Exercise goal:
Exactly retype the lines from the top of the data through the line containing "p1 = place(None, origin())", leaving out every picture.

--- START ---

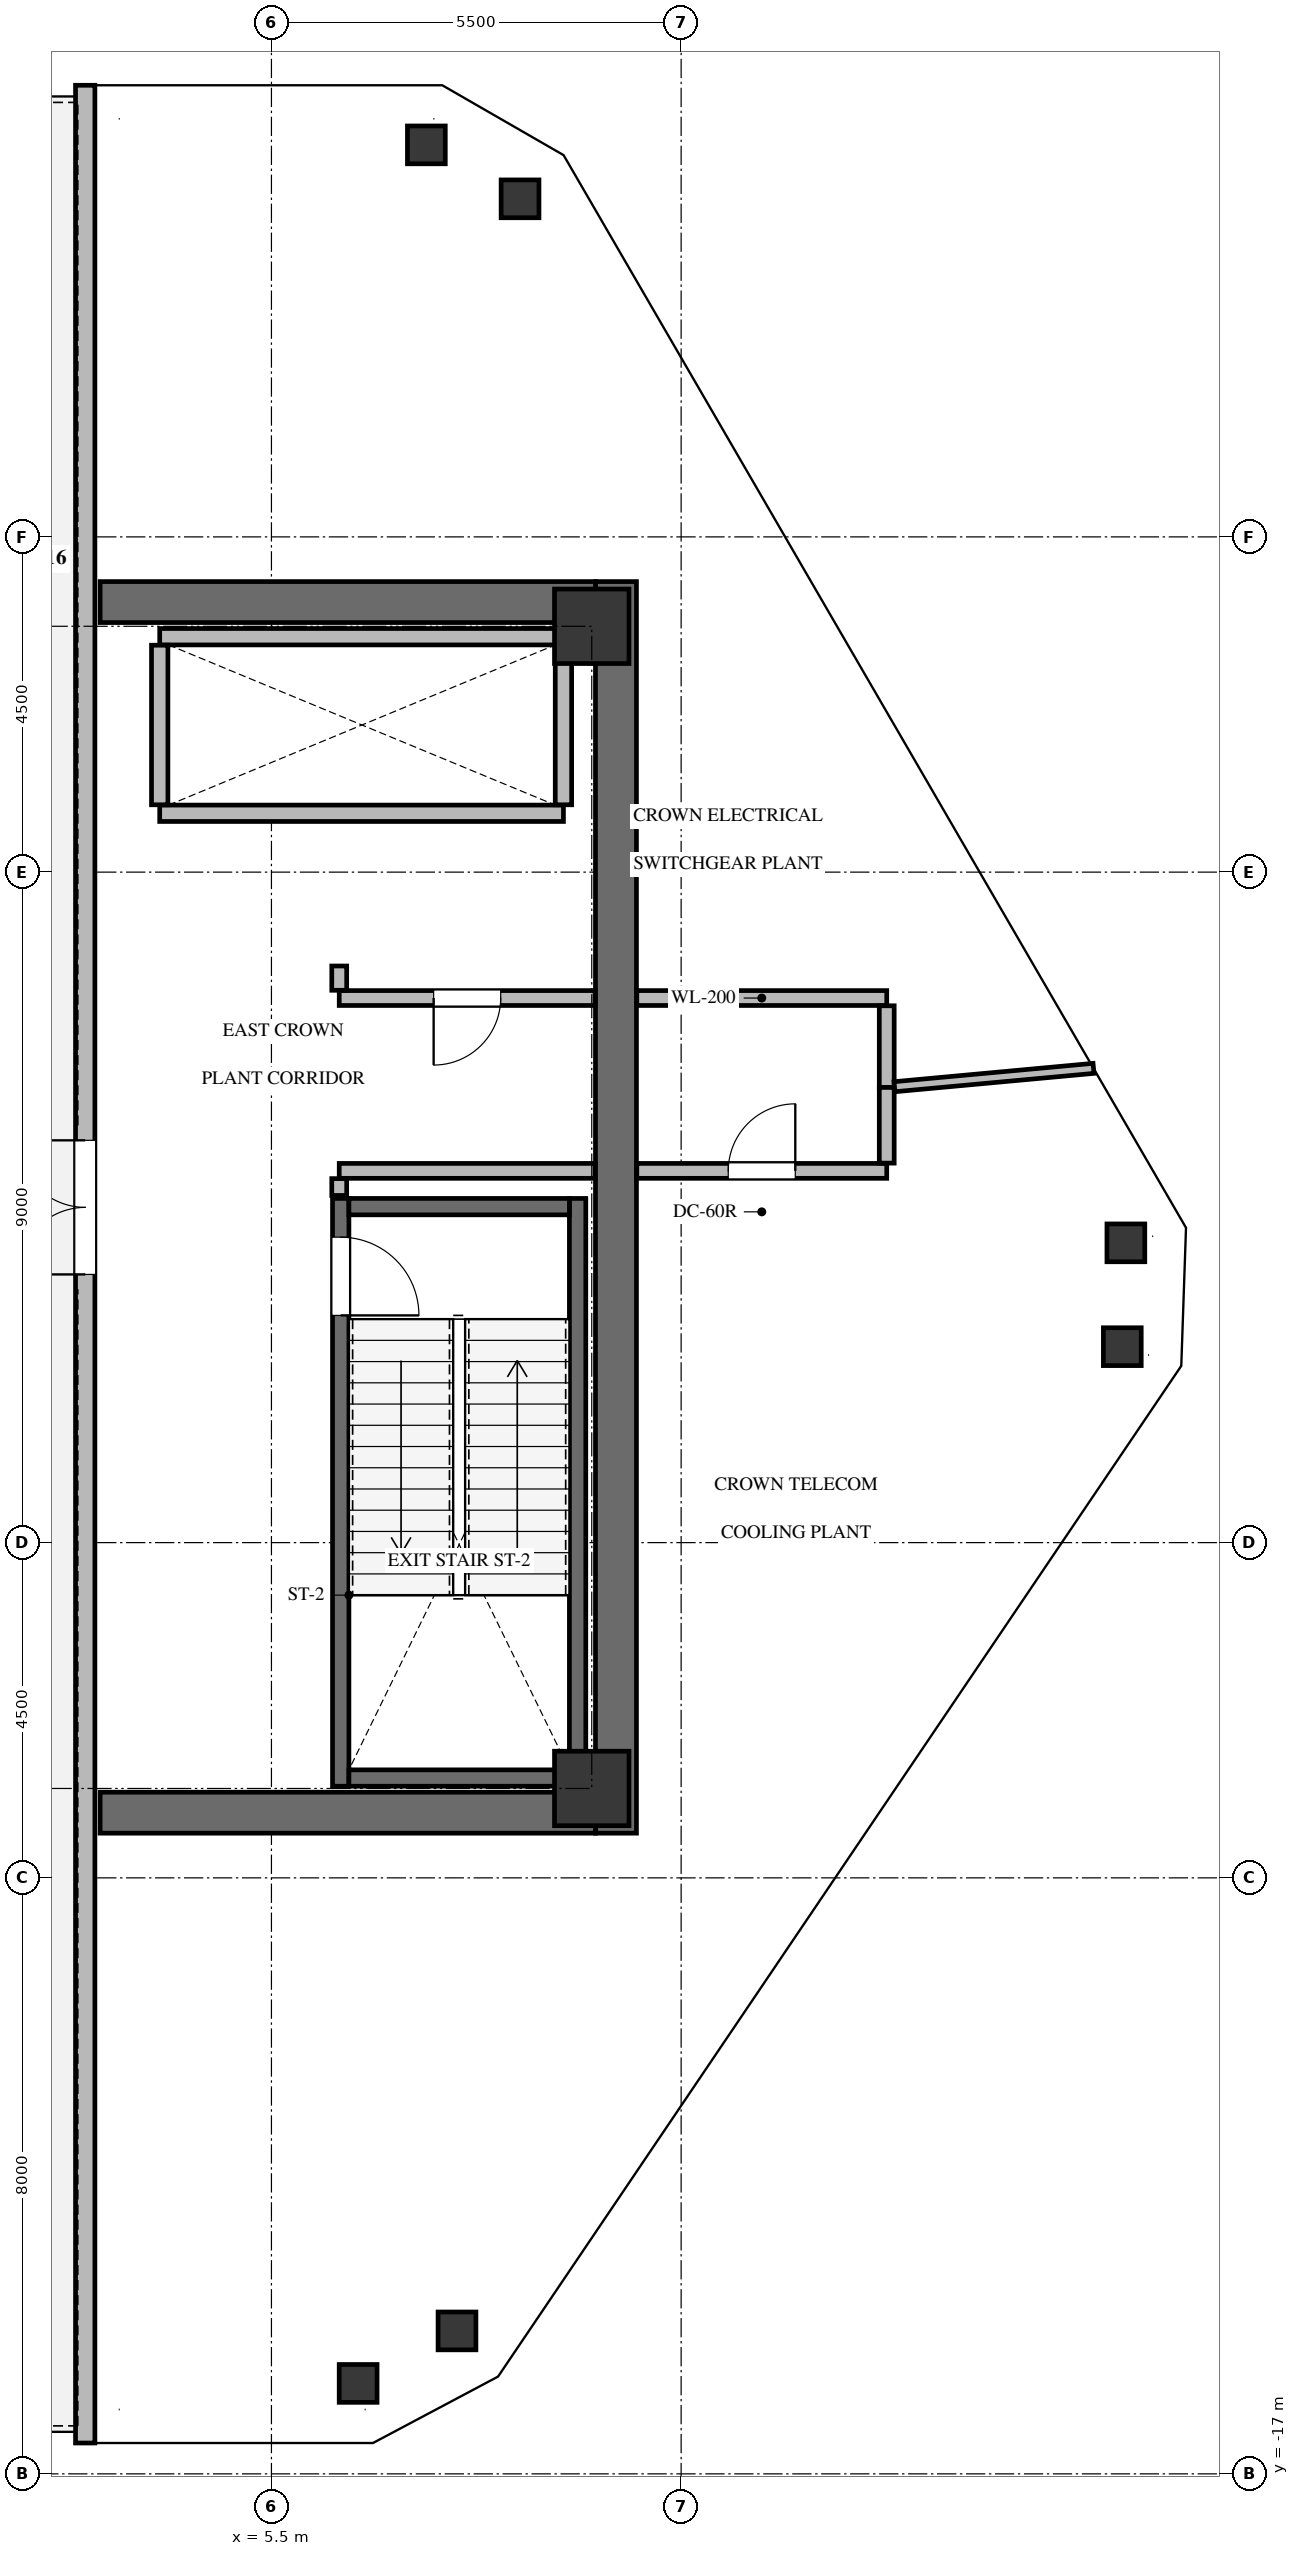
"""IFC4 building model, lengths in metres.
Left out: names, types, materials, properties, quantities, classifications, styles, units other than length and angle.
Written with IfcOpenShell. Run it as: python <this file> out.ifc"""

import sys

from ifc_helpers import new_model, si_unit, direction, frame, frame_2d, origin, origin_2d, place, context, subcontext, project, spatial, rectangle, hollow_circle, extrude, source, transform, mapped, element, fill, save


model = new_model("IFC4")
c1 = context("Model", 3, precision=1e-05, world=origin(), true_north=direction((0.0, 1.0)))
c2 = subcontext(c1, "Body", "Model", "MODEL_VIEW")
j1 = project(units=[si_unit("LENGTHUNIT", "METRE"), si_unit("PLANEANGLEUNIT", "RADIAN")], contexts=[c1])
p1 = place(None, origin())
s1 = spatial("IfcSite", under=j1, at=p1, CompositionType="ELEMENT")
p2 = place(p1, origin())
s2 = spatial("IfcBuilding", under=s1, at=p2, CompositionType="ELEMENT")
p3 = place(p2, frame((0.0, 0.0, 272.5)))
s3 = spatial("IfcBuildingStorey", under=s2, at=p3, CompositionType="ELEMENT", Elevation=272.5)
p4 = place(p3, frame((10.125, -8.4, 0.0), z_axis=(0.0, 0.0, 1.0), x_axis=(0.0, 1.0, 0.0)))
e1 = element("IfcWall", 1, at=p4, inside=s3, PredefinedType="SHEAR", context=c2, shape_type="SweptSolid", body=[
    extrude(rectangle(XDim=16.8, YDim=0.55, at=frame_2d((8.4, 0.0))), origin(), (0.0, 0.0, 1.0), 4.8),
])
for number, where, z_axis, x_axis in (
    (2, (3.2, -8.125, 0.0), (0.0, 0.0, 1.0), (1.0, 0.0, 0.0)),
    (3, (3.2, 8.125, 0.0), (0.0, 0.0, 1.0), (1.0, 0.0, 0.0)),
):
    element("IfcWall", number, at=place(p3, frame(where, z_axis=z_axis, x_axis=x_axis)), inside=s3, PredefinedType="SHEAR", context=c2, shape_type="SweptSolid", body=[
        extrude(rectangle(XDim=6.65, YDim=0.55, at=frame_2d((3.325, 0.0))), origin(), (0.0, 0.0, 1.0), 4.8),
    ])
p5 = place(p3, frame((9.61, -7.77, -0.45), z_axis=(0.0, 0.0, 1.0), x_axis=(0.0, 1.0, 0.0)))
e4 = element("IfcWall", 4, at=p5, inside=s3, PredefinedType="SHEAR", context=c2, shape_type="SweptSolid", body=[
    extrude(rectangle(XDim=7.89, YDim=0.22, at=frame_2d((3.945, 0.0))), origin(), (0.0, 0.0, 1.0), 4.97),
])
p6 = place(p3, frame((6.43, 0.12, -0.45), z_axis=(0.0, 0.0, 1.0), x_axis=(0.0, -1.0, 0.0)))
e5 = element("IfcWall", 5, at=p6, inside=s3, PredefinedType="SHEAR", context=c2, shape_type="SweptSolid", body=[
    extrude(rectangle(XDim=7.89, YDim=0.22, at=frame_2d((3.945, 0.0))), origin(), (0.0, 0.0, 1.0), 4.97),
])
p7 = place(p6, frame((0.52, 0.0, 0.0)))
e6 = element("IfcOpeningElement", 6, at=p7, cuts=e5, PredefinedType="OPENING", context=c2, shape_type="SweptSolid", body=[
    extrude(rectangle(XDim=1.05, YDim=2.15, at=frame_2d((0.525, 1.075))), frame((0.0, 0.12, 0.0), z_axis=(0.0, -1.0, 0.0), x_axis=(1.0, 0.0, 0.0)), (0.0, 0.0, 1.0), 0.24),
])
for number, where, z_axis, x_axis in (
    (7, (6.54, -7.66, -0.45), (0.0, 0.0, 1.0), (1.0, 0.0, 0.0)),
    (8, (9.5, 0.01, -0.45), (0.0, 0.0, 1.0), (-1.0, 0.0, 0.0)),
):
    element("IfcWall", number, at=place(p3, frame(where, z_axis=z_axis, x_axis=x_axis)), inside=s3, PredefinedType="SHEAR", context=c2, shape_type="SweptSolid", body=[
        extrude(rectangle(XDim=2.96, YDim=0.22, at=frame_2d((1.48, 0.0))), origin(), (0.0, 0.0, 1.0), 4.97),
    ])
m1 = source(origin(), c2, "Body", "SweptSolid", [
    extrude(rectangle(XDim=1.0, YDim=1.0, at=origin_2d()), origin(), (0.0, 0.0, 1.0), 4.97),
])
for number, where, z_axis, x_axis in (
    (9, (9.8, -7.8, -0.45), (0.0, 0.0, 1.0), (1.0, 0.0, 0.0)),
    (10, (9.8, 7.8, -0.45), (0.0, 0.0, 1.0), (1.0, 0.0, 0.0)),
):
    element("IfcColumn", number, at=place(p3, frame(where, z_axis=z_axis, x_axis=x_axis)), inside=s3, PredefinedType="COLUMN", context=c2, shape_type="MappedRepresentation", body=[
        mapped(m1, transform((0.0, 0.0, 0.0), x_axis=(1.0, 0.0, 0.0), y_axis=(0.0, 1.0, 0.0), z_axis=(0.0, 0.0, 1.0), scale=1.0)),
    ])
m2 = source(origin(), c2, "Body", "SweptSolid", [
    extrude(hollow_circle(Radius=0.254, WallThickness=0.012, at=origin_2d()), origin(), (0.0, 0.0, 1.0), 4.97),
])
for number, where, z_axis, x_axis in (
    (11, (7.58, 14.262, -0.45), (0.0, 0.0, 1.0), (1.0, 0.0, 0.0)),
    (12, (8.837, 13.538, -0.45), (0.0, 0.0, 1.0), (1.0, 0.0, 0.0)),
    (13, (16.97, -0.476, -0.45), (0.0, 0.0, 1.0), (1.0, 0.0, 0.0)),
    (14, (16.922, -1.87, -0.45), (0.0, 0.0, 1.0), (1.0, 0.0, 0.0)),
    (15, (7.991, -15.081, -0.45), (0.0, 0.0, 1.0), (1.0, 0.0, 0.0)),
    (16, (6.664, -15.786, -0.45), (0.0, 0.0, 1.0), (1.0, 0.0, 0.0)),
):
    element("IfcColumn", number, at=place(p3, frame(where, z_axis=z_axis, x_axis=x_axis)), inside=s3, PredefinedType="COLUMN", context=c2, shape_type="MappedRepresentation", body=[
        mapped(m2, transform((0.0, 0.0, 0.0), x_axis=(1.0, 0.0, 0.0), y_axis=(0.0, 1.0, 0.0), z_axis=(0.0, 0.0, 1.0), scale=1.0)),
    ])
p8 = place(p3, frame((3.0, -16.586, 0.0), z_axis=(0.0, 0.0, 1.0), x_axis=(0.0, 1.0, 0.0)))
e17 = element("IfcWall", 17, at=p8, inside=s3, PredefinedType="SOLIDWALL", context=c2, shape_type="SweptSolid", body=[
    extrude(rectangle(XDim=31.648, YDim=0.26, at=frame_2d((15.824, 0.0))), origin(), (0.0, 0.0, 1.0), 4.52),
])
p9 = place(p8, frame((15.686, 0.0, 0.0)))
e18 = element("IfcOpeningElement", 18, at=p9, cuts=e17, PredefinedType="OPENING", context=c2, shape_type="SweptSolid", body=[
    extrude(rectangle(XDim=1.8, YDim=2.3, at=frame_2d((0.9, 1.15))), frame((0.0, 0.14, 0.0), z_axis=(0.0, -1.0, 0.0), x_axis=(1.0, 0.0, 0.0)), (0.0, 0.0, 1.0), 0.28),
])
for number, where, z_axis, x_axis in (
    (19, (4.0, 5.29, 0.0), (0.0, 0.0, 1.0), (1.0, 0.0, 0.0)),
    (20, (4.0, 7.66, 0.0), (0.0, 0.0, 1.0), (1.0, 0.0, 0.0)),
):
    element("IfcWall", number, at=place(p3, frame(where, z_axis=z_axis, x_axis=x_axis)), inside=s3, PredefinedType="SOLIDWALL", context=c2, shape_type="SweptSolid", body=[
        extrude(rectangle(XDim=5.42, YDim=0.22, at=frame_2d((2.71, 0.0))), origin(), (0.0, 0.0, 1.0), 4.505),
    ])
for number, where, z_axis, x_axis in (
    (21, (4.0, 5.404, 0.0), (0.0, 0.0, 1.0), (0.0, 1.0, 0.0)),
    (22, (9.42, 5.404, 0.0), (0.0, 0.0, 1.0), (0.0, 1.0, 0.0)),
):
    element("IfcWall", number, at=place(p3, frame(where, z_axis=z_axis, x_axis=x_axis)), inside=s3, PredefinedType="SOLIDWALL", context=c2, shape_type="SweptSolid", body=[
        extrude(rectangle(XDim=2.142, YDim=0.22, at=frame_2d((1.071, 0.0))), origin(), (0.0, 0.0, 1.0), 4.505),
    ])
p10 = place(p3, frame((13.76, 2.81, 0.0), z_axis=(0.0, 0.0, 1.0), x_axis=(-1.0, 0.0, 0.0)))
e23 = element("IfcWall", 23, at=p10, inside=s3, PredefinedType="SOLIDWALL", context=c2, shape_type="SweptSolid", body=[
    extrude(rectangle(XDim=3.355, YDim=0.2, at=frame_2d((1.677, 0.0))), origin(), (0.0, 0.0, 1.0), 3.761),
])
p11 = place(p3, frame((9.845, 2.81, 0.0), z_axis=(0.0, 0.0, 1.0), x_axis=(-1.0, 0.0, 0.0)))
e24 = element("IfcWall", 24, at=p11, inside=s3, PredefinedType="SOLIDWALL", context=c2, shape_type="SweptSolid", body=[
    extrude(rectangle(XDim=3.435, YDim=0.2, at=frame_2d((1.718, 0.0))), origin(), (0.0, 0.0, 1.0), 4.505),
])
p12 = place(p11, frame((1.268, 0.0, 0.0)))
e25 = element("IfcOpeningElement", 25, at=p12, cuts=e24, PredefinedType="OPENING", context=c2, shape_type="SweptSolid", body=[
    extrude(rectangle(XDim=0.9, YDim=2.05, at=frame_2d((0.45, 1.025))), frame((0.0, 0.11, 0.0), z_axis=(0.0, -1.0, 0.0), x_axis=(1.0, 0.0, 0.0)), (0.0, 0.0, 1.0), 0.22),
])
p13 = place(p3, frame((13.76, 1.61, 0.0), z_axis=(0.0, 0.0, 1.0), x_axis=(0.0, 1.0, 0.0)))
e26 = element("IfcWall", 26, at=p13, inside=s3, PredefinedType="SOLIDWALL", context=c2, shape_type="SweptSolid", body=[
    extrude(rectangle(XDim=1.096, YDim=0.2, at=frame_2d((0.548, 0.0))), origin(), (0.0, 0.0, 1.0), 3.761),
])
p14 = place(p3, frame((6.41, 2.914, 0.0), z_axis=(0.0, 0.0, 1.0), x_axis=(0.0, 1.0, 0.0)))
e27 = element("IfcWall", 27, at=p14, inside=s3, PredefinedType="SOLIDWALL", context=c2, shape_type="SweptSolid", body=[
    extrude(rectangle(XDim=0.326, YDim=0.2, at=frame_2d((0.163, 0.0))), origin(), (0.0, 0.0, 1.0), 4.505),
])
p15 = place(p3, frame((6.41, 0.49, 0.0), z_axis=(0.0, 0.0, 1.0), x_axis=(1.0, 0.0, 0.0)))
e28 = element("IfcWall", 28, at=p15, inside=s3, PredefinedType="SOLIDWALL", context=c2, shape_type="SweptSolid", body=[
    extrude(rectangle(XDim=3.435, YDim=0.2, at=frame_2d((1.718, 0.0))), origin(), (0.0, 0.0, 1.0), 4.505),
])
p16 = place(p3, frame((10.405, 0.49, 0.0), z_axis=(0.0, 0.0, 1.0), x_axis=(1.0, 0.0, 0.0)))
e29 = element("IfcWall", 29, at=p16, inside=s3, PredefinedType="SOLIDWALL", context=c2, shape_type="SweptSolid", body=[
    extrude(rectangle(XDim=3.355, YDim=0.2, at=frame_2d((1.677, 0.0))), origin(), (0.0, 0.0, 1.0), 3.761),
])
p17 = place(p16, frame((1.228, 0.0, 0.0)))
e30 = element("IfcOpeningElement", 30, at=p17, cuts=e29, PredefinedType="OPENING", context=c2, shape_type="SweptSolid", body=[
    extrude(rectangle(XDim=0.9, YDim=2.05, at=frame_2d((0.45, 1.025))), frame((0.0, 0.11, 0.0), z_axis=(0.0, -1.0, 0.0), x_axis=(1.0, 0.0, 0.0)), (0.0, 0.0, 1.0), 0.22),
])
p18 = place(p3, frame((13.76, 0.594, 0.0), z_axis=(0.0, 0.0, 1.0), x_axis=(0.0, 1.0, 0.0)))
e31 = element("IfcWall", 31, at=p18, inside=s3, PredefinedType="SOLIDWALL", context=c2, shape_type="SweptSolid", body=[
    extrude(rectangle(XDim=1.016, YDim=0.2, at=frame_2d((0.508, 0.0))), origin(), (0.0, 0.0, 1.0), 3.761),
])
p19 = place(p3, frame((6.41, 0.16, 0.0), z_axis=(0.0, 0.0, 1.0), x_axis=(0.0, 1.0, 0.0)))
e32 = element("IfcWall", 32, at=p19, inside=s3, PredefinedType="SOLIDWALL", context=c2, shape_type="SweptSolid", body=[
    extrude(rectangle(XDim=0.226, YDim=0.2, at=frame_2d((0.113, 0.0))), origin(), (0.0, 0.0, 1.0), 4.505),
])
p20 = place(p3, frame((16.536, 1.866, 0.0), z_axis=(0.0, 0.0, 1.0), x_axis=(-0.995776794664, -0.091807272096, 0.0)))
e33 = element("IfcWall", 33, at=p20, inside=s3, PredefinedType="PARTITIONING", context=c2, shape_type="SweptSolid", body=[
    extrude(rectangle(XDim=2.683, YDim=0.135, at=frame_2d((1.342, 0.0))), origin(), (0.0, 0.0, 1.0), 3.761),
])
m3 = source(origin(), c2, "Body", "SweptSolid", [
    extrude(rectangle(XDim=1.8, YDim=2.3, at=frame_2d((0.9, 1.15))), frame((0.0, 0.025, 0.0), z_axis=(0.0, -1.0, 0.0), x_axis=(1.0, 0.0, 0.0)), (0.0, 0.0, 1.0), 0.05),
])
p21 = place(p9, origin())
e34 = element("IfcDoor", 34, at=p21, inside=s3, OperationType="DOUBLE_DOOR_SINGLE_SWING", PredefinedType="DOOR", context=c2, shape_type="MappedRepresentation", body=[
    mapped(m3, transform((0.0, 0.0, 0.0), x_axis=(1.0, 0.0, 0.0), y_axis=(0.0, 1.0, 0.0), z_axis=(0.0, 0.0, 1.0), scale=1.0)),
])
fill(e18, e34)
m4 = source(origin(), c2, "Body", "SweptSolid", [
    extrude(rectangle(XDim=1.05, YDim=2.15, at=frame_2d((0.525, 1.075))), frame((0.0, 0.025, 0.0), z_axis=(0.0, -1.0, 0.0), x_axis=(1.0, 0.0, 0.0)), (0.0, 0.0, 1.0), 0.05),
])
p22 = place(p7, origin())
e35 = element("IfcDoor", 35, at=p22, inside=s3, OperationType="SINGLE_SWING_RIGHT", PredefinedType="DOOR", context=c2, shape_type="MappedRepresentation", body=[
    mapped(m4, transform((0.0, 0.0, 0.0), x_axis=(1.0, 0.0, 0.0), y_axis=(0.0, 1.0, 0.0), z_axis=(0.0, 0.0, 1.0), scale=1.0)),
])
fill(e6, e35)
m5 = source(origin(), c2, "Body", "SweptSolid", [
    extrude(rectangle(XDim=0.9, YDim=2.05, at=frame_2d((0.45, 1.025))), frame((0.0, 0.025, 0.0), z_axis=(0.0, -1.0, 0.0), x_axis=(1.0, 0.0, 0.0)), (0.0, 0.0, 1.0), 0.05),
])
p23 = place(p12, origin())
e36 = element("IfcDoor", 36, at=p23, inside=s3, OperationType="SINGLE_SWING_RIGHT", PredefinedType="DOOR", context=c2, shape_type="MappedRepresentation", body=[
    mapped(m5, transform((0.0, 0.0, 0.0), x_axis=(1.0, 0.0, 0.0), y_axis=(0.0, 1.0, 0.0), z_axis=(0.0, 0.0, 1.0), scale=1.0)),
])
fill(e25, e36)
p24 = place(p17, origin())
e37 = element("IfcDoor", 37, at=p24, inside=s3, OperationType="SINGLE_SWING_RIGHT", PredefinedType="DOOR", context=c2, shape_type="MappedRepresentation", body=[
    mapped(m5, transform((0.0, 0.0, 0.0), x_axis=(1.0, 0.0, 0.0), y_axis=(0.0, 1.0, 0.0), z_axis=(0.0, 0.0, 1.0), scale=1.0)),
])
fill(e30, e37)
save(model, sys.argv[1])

--- END ---

Reply:
"""IFC4 building model, lengths in metres.
Left out: names, types, materials, properties, quantities, classifications, styles, units other than length and angle.
Written with IfcOpenShell. Run it as: python <this file> out.ifc"""

import sys

from ifc_helpers import new_model, si_unit, direction, frame, frame_2d, origin, origin_2d, place, context, subcontext, project, spatial, rectangle, hollow_circle, extrude, source, transform, mapped, element, fill, save


model = new_model("IFC4")
c1 = context("Model", 3, precision=1e-05, world=origin(), true_north=direction((0.0, 1.0)))
c2 = subcontext(c1, "Body", "Model", "MODEL_VIEW")
j1 = project(units=[si_unit("LENGTHUNIT", "METRE"), si_unit("PLANEANGLEUNIT", "RADIAN")], contexts=[c1])
p1 = place(None, origin())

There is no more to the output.